Records shown:
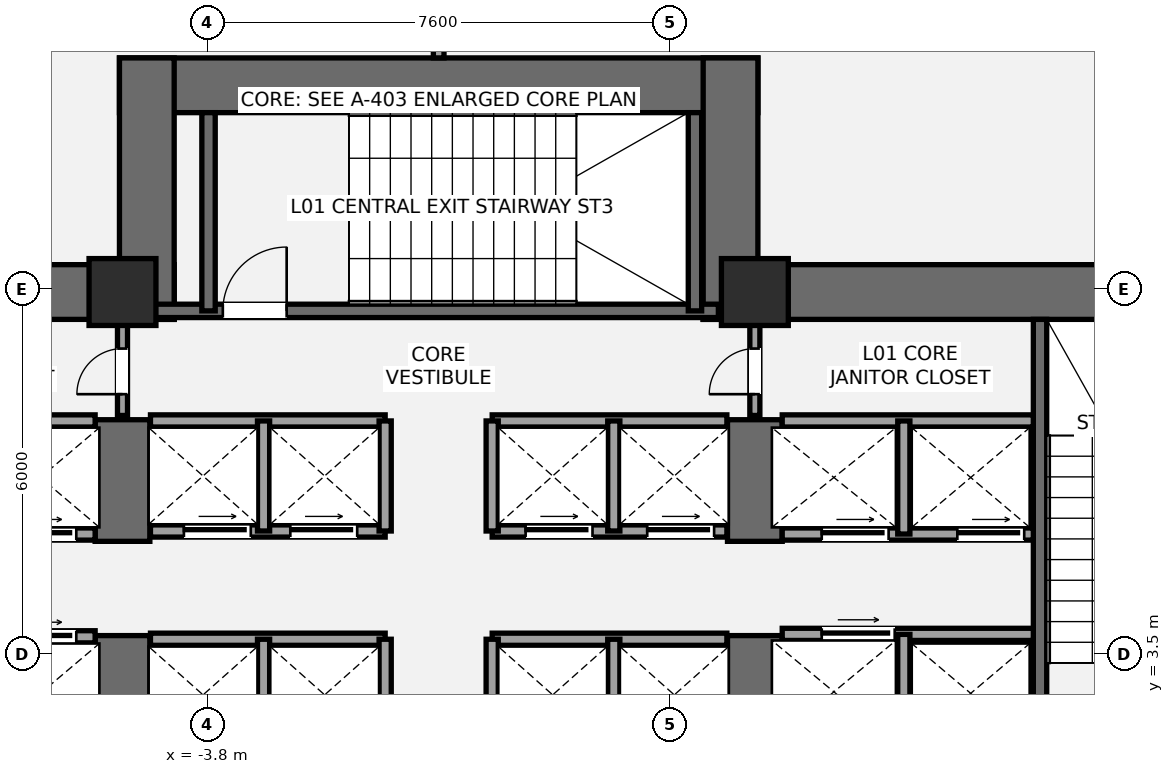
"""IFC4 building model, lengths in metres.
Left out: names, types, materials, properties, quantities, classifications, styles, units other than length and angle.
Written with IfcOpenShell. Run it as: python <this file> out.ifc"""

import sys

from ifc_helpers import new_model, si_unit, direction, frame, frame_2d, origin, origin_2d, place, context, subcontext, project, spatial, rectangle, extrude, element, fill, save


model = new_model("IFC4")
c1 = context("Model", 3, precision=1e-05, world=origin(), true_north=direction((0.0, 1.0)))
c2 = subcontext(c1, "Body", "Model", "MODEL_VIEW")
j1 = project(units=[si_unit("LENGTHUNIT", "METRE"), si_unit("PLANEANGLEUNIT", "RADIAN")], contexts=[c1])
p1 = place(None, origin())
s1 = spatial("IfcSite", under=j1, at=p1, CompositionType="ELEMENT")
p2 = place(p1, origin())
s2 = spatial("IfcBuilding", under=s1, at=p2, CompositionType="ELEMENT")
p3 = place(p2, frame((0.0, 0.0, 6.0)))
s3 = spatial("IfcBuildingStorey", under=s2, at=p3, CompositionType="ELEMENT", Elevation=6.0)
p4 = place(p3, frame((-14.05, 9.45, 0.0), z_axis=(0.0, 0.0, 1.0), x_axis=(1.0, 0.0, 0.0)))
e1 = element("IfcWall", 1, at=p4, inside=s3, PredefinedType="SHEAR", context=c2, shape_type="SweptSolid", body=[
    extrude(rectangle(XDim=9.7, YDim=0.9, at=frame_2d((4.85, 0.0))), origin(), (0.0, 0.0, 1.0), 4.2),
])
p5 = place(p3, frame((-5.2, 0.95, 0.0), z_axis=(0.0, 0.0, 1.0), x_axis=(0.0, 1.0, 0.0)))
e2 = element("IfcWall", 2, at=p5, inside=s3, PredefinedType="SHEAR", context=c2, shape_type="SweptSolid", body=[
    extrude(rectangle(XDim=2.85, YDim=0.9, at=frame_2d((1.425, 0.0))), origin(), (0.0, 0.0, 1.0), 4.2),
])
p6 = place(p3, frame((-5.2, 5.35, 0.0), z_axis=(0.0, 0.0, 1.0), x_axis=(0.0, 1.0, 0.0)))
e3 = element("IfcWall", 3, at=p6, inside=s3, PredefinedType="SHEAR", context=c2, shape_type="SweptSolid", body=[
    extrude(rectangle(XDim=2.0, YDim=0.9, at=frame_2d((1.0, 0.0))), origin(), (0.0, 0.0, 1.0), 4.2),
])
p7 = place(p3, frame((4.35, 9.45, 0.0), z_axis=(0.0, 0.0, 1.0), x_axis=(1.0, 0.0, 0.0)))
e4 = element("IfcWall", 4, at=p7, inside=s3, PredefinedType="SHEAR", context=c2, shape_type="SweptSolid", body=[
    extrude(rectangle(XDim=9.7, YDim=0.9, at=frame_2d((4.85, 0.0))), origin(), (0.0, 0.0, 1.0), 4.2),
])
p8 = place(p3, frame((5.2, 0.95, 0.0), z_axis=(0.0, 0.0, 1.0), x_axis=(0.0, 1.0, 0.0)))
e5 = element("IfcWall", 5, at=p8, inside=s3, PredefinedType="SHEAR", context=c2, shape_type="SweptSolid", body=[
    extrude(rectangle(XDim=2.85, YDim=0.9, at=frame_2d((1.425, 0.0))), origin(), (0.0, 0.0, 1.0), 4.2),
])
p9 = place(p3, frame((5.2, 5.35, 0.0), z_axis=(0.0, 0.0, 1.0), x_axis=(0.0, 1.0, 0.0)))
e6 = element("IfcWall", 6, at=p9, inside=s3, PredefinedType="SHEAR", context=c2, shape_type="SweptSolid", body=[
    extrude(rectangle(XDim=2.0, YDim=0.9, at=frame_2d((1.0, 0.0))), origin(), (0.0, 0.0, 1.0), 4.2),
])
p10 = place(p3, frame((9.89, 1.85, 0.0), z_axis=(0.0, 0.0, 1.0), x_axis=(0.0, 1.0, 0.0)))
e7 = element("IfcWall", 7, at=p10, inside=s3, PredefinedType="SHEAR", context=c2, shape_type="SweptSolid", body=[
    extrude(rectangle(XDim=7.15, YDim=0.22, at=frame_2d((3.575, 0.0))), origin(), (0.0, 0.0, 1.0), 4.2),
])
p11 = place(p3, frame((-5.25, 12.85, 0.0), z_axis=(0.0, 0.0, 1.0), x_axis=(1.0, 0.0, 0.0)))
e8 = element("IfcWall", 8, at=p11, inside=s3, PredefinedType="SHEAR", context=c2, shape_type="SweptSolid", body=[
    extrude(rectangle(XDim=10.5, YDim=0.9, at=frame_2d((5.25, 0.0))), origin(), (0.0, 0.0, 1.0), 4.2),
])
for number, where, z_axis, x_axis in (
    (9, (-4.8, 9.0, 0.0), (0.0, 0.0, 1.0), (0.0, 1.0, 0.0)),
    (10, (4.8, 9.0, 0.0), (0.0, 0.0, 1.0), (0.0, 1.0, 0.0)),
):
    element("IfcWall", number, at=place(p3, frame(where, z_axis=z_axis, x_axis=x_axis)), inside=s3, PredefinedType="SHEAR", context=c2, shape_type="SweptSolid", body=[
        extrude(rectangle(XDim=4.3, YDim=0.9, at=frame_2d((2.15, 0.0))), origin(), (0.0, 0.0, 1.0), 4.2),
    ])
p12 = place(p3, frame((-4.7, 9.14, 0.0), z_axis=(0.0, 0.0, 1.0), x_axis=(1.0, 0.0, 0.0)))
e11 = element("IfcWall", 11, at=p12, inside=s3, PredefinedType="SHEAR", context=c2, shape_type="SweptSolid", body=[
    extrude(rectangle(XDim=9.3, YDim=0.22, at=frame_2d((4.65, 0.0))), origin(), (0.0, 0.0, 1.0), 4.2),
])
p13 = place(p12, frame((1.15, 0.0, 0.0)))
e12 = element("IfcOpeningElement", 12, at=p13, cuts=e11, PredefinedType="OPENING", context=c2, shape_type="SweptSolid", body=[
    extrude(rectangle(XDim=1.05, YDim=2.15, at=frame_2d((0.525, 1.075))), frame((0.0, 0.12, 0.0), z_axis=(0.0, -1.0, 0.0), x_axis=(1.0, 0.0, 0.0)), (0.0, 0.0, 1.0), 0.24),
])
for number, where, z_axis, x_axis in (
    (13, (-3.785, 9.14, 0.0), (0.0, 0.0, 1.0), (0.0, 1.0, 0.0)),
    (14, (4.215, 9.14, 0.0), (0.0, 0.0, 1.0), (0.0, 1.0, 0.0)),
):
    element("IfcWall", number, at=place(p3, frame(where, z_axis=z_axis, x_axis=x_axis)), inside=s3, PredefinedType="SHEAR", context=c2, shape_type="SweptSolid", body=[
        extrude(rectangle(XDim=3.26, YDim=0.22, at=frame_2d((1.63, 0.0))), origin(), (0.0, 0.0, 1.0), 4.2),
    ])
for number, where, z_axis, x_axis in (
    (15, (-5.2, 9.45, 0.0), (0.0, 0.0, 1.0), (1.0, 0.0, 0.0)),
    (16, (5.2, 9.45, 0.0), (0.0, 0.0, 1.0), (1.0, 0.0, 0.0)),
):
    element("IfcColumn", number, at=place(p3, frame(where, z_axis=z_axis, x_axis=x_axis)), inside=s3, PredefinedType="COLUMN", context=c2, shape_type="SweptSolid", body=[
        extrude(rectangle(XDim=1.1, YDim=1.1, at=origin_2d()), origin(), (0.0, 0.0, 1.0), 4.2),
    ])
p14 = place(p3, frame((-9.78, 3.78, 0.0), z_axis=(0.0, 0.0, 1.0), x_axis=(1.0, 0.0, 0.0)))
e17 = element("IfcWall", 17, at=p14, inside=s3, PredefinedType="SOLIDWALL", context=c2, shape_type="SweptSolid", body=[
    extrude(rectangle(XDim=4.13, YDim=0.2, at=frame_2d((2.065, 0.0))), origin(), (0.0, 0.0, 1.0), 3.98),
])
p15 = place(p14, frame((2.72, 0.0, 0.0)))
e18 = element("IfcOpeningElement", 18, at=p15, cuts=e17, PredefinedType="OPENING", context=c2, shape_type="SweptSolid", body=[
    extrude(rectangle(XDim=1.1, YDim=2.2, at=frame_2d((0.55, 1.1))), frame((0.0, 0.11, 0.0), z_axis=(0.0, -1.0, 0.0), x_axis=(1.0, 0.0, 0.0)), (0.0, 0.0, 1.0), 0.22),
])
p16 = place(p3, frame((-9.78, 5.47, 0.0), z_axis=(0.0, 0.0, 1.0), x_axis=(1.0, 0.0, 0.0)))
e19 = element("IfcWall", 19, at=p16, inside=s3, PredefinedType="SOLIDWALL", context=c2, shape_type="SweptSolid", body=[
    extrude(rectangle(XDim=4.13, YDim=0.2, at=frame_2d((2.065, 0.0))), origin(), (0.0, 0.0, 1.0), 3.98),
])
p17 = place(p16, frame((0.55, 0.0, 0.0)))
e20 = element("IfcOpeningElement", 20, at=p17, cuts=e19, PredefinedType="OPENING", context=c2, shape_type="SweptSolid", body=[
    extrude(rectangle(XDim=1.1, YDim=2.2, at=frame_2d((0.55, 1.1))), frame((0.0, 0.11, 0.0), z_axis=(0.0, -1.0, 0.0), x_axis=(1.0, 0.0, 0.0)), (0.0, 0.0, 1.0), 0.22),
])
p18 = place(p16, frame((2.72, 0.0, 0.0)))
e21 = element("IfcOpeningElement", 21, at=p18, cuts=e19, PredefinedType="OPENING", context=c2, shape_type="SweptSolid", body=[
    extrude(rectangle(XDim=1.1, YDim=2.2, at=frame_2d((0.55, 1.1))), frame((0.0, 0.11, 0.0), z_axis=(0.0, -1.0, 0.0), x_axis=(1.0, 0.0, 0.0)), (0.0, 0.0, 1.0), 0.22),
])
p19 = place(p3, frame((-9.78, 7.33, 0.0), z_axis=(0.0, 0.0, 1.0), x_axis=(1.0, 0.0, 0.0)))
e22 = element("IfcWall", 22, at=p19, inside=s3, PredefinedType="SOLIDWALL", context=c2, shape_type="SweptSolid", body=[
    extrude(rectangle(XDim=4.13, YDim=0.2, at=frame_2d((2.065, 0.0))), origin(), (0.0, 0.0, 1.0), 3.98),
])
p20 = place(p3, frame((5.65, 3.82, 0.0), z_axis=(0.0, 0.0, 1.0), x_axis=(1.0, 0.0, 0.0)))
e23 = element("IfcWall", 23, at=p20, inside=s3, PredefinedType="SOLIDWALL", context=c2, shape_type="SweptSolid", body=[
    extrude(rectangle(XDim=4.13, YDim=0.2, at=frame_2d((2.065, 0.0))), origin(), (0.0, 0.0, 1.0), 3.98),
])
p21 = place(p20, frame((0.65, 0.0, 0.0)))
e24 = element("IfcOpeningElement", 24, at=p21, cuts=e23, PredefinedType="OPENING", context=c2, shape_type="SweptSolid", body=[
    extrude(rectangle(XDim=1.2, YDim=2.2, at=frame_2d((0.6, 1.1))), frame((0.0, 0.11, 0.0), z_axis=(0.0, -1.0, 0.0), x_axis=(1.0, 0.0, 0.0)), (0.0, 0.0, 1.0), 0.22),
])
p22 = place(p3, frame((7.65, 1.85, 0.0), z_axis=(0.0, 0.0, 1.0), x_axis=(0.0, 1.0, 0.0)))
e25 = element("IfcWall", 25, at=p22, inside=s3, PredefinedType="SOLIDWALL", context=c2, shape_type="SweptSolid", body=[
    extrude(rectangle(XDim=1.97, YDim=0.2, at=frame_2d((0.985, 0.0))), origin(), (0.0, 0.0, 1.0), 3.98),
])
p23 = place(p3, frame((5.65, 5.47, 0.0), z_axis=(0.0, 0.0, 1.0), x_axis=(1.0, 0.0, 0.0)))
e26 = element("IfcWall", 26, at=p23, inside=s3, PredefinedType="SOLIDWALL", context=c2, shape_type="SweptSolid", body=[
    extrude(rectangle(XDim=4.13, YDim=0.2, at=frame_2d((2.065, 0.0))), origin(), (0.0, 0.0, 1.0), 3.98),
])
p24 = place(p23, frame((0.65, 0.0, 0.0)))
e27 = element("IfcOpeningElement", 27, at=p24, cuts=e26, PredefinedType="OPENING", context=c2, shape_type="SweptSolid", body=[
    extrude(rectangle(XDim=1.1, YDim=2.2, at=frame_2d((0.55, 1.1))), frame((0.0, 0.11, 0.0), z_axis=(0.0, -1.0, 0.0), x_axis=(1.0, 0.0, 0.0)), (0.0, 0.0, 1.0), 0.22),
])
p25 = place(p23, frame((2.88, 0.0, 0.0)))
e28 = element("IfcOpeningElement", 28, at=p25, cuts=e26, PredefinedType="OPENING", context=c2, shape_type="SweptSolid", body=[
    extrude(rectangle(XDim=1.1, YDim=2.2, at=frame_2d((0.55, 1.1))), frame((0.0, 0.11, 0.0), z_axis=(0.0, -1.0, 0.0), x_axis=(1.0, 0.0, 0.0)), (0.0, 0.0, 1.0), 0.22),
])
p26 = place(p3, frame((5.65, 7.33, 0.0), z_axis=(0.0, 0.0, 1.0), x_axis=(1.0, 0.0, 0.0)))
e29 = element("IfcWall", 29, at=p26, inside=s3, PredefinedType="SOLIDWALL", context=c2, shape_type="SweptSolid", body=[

Task directions:
Write out again, exactly, only the lines from the beginning of the material above to the line that holds "p1 = place(None, origin())", both ends included, and no pictures.

Task output:
"""IFC4 building model, lengths in metres.
Left out: names, types, materials, properties, quantities, classifications, styles, units other than length and angle.
Written with IfcOpenShell. Run it as: python <this file> out.ifc"""

import sys

from ifc_helpers import new_model, si_unit, direction, frame, frame_2d, origin, origin_2d, place, context, subcontext, project, spatial, rectangle, extrude, element, fill, save


model = new_model("IFC4")
c1 = context("Model", 3, precision=1e-05, world=origin(), true_north=direction((0.0, 1.0)))
c2 = subcontext(c1, "Body", "Model", "MODEL_VIEW")
j1 = project(units=[si_unit("LENGTHUNIT", "METRE"), si_unit("PLANEANGLEUNIT", "RADIAN")], contexts=[c1])
p1 = place(None, origin())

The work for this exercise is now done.